#### What is expected
If a line in the records below holds the string "Materials", count it, and state only the final count.

Start of Provided records

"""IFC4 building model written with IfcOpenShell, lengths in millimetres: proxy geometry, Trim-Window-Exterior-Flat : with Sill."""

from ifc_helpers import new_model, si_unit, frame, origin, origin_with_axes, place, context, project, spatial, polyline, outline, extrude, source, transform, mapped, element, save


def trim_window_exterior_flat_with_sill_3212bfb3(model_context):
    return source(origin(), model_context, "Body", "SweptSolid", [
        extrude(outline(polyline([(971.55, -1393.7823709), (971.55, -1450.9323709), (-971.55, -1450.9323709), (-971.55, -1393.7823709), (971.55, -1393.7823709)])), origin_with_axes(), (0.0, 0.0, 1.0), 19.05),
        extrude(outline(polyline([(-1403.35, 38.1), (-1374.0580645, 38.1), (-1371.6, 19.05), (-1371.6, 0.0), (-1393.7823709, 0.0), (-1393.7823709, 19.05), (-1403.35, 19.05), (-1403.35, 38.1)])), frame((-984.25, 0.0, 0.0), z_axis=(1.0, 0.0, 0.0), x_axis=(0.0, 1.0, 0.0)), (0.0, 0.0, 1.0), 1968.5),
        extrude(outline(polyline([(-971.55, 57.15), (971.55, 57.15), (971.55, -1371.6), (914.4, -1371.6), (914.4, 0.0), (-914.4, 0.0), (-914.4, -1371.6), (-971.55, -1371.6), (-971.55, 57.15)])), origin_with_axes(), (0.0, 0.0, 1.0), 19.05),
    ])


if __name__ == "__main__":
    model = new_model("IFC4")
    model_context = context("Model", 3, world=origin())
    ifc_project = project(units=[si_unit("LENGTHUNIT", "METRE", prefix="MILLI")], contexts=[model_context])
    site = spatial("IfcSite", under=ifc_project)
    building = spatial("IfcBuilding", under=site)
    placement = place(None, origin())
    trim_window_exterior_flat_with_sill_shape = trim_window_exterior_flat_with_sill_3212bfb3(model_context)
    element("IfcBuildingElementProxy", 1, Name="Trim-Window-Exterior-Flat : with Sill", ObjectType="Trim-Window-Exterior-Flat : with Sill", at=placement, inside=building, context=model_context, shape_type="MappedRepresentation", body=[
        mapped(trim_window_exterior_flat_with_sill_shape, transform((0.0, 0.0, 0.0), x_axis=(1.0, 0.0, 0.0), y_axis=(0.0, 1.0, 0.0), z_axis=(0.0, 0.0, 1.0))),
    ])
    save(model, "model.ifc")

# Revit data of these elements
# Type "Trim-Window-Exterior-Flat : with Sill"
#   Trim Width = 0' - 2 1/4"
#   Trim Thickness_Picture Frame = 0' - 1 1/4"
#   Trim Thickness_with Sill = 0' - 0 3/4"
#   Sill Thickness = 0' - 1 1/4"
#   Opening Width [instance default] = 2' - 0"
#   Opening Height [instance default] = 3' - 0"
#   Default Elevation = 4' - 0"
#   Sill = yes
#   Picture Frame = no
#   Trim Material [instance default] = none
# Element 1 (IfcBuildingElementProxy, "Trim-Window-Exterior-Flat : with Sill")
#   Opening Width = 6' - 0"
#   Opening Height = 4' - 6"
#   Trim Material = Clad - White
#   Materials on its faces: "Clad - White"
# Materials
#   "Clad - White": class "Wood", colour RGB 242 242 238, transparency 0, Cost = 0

End of Provided records

#### Answer space
2